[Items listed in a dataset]
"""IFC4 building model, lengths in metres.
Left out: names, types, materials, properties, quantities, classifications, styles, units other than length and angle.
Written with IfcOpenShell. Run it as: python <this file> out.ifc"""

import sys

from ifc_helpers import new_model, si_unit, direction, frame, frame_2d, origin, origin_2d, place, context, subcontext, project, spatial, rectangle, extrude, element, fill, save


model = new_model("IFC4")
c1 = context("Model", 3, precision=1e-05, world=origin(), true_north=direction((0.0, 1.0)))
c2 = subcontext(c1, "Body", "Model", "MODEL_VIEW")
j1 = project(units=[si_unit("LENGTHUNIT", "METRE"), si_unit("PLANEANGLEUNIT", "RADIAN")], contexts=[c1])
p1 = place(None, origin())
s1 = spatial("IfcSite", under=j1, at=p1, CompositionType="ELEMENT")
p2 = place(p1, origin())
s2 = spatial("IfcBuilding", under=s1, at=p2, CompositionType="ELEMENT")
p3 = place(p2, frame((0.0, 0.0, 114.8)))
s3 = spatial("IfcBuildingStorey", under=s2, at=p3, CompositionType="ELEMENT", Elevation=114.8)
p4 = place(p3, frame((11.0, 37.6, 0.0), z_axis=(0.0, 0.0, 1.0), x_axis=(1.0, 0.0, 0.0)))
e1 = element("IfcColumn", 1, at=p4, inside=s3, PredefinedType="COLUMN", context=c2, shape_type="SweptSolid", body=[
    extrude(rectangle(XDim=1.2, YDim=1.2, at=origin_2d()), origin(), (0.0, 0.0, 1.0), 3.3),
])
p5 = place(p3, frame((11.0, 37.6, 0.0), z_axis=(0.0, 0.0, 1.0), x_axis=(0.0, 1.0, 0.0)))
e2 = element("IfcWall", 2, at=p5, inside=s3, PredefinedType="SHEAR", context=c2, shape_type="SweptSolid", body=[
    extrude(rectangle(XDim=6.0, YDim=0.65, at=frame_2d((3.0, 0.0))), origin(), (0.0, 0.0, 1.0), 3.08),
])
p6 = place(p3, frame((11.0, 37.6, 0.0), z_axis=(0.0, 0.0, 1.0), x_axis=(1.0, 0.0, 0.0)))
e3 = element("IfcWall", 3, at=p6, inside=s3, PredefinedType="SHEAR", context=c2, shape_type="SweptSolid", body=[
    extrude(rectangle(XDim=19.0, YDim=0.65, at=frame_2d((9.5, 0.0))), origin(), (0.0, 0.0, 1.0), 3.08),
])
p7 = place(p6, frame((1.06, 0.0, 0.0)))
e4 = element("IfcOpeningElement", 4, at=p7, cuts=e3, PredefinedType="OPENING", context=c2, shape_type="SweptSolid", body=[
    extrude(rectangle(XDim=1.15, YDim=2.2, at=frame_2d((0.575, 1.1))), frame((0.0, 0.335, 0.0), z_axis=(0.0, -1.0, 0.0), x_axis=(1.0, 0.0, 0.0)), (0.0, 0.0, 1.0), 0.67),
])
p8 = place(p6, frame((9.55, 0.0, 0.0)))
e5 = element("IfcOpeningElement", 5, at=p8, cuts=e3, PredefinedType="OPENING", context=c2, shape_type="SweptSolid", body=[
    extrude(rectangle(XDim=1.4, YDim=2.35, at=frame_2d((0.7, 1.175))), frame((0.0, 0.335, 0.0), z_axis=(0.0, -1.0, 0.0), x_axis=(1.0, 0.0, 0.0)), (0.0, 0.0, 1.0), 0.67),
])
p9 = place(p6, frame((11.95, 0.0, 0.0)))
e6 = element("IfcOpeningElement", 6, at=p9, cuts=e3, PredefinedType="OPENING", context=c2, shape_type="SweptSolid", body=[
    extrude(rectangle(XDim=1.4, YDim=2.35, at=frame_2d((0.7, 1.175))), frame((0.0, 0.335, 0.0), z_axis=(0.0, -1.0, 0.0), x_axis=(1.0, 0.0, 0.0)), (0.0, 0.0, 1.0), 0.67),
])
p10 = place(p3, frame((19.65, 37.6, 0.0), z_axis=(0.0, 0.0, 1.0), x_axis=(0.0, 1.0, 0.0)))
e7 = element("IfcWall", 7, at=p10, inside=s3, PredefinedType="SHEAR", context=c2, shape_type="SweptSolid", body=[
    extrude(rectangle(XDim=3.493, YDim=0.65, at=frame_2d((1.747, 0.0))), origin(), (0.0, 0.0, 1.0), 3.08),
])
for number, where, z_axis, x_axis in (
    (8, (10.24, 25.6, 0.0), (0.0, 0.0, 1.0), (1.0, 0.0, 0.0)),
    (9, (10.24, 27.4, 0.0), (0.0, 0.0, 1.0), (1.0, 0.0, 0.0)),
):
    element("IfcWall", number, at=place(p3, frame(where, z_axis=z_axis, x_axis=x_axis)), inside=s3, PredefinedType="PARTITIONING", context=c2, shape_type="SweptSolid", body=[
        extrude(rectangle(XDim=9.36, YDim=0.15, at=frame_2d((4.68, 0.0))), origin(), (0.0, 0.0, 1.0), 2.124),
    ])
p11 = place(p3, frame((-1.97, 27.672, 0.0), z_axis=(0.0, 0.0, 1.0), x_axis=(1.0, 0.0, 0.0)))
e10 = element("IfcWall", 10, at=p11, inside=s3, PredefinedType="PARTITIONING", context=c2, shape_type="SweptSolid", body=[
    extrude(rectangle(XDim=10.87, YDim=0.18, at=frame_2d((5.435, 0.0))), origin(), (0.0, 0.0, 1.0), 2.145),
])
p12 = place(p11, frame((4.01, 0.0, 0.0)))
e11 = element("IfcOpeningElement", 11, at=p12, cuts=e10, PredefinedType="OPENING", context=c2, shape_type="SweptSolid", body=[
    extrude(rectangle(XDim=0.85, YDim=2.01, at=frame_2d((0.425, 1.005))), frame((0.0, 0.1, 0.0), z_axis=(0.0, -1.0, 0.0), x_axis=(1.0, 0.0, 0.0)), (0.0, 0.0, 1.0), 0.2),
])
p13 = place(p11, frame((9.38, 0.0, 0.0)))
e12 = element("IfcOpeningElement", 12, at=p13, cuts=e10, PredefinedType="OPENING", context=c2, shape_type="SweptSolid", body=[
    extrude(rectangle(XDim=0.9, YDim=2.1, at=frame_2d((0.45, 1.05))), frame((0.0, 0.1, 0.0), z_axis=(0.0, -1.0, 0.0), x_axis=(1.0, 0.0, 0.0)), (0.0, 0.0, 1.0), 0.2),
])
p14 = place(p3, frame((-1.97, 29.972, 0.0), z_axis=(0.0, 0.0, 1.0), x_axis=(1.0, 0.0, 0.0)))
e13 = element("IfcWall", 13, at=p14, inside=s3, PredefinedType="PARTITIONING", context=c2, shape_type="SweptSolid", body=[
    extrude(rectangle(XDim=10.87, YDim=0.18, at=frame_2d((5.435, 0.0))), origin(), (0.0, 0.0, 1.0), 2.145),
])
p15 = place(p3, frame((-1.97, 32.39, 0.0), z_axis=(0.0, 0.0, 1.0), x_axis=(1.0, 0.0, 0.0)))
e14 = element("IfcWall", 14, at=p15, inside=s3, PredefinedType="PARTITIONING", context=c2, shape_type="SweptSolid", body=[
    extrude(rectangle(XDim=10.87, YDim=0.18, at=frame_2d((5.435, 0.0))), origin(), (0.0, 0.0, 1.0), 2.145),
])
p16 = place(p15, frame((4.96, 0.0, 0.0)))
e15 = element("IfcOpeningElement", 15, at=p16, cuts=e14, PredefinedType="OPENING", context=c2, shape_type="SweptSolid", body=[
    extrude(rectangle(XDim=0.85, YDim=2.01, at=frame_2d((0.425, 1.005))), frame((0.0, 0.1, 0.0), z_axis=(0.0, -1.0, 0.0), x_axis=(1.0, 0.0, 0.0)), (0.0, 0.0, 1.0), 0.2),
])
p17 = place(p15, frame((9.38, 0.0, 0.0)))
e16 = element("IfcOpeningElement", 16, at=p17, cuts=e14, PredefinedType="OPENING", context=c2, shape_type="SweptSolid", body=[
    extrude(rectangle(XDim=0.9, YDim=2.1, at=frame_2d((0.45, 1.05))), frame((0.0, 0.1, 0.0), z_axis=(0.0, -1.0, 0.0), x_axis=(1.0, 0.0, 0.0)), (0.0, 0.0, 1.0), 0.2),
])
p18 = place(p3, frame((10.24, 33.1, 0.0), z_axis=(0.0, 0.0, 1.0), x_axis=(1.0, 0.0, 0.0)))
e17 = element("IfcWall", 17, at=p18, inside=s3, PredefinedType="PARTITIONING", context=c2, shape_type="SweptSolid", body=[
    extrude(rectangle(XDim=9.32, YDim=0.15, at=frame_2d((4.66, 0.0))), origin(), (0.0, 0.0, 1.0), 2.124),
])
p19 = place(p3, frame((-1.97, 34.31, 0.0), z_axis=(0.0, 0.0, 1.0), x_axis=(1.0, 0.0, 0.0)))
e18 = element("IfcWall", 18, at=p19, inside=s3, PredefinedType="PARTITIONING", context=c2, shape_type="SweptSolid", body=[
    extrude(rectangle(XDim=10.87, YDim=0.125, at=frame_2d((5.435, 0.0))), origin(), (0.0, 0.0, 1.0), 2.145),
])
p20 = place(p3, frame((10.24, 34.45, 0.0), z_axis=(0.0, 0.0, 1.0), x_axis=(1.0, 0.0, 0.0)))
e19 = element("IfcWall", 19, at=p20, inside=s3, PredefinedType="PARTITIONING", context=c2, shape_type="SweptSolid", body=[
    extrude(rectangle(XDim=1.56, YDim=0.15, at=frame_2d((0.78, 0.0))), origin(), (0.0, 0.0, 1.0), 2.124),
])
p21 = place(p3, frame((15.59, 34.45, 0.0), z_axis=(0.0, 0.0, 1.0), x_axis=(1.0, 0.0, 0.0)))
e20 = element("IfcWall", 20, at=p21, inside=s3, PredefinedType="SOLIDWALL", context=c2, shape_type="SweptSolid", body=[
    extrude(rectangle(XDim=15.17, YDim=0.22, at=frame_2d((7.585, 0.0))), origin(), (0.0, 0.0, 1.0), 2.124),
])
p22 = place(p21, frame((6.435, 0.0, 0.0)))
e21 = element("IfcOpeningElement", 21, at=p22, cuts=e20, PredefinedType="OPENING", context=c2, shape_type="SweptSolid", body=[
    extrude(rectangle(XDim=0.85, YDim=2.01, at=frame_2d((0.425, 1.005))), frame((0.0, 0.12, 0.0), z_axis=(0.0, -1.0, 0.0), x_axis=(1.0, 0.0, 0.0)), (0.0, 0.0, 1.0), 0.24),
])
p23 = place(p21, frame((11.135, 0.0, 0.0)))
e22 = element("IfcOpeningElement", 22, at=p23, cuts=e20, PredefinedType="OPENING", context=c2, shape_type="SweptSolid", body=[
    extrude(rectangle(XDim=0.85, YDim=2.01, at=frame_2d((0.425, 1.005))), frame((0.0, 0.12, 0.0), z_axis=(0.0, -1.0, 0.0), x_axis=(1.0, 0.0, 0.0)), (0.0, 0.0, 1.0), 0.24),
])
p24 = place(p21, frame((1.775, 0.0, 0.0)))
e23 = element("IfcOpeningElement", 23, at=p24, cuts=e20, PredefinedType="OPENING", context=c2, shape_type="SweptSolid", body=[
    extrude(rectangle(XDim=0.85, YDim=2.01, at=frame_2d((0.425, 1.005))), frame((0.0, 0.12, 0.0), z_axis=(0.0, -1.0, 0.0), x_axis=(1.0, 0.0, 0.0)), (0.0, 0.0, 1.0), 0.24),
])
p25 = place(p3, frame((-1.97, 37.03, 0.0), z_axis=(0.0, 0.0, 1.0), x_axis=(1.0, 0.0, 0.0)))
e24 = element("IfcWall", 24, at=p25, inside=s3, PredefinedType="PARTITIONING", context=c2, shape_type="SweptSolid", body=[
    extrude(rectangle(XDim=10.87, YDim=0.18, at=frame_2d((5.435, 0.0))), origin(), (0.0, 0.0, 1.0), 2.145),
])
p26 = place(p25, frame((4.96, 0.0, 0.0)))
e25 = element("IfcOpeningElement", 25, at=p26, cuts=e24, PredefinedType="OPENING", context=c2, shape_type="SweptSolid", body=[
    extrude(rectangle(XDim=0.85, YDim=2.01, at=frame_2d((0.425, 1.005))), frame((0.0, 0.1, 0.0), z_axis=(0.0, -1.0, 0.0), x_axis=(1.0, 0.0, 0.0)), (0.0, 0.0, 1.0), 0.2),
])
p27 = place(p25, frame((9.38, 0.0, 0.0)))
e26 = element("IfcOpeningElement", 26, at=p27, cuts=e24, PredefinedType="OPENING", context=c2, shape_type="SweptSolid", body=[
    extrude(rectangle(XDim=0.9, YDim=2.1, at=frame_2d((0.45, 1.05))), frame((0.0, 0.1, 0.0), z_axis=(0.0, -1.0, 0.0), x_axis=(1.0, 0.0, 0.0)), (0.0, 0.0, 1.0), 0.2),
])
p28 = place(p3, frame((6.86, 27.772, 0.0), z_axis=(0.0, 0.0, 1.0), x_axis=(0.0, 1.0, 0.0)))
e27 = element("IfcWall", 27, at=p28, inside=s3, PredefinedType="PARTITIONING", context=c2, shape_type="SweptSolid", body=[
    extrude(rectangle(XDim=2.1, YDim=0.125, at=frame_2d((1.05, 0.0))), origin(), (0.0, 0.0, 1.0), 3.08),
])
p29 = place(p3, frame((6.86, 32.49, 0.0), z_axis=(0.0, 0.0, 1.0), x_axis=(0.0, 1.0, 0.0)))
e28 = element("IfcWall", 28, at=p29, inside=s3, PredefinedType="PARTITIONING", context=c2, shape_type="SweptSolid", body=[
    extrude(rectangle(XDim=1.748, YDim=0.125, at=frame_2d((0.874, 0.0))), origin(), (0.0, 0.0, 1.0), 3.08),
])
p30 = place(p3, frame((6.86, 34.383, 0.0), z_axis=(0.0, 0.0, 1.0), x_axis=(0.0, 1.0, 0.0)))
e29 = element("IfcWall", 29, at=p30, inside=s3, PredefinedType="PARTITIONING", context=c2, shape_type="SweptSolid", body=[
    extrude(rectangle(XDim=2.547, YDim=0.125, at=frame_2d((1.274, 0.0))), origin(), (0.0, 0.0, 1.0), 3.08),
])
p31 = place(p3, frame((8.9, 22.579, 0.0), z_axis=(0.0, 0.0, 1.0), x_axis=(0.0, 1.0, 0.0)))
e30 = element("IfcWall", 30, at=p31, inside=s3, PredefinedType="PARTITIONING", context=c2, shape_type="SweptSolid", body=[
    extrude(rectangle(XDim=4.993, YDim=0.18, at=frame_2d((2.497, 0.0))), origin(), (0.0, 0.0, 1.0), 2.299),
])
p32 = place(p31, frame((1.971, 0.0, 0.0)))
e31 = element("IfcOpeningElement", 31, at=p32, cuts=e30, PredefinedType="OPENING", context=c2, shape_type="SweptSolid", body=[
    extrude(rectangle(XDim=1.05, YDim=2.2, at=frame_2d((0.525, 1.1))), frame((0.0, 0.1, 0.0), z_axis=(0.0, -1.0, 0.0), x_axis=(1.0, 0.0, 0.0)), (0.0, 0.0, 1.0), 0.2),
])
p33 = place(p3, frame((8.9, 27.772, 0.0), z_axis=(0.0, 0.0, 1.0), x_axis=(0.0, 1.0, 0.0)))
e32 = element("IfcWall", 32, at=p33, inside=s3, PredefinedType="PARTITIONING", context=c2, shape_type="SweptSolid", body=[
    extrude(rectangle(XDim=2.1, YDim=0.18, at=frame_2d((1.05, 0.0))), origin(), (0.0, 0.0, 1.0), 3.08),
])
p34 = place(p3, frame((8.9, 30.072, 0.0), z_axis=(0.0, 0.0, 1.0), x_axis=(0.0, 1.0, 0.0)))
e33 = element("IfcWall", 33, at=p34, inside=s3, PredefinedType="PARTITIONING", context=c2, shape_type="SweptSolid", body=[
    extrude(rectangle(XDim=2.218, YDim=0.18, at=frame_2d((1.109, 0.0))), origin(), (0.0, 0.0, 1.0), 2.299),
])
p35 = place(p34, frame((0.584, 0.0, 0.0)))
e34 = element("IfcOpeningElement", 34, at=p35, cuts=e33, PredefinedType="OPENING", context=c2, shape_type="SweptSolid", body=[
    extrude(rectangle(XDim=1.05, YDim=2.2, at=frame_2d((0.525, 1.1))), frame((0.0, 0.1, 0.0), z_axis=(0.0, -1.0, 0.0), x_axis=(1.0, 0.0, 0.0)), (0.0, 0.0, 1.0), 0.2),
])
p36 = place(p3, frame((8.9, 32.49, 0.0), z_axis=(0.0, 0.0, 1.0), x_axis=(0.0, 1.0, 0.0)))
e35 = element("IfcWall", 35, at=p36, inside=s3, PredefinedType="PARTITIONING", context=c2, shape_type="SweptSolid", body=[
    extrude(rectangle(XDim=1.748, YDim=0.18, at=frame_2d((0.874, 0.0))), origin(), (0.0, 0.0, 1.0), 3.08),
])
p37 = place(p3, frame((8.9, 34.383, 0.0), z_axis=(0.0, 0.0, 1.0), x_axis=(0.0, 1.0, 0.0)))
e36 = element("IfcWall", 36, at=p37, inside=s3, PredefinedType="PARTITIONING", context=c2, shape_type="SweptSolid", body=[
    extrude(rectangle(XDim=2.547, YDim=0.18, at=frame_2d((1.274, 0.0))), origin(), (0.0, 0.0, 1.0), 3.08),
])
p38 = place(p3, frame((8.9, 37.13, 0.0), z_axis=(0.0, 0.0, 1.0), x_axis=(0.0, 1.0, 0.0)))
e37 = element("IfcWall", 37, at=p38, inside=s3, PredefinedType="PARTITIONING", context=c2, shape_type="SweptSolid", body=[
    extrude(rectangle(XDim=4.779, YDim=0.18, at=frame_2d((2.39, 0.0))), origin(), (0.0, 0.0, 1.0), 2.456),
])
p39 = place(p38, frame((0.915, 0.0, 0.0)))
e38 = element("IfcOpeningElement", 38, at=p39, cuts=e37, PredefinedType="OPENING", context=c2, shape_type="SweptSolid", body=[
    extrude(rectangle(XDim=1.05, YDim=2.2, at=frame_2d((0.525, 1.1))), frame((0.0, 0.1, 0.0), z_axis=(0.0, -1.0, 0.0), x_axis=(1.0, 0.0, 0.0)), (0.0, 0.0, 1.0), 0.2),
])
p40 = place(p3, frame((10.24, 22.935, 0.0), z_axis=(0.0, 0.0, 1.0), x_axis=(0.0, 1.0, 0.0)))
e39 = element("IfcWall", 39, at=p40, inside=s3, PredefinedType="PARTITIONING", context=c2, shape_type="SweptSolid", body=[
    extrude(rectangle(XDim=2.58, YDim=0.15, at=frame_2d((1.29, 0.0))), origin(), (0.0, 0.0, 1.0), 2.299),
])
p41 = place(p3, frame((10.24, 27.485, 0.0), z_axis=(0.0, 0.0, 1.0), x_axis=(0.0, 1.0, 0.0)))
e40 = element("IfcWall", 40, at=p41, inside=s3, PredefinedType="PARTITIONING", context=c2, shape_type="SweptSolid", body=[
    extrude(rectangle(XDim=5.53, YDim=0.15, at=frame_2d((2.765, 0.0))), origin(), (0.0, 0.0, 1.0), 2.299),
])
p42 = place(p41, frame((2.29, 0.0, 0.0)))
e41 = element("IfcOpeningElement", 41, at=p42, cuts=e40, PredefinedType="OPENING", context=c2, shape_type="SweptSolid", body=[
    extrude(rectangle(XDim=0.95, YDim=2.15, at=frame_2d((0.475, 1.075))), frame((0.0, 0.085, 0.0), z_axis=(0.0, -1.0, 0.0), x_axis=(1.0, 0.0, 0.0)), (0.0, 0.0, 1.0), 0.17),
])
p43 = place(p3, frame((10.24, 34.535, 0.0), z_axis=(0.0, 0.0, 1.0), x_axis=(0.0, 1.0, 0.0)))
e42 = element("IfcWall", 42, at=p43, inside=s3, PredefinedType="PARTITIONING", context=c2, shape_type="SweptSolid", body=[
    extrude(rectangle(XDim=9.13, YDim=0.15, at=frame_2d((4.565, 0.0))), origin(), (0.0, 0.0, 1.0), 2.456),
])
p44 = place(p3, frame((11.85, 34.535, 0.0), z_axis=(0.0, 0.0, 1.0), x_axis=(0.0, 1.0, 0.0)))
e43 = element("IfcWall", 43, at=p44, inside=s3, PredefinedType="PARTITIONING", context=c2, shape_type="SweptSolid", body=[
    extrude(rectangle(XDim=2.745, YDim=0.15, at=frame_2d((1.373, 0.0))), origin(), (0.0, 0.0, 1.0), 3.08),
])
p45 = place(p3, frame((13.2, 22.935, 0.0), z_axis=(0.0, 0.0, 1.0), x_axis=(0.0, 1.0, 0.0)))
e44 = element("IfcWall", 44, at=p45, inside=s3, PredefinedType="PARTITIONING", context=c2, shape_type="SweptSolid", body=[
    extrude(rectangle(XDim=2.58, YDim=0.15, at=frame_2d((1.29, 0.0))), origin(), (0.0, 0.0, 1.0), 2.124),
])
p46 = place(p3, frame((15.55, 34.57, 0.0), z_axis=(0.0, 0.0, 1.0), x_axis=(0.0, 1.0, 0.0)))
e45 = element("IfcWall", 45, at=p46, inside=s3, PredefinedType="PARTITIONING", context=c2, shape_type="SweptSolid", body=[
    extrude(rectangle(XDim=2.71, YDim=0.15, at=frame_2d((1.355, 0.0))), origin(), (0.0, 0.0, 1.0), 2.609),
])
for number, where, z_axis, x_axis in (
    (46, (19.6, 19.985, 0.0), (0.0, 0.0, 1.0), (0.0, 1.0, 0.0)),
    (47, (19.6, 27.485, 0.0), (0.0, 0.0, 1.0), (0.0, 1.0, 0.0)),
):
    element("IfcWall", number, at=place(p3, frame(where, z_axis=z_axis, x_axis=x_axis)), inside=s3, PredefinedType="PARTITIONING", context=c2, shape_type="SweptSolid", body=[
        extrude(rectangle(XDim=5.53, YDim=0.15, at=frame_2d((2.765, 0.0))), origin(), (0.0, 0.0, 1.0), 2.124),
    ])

Exercise brief: Give only the lines from the one holding "p26 = place(p25, frame((4.96, 0.0, 0.0)))" through the one holding "p27 = place(p25, frame((9.38, 0.0, 0.0)))", each restated exactly as it appears above.

Output for this exercise:
p26 = place(p25, frame((4.96, 0.0, 0.0)))
e25 = element("IfcOpeningElement", 25, at=p26, cuts=e24, PredefinedType="OPENING", context=c2, shape_type="SweptSolid", body=[
    extrude(rectangle(XDim=0.85, YDim=2.01, at=frame_2d((0.425, 1.005))), frame((0.0, 0.1, 0.0), z_axis=(0.0, -1.0, 0.0), x_axis=(1.0, 0.0, 0.0)), (0.0, 0.0, 1.0), 0.2),
])
p27 = place(p25, frame((9.38, 0.0, 0.0)))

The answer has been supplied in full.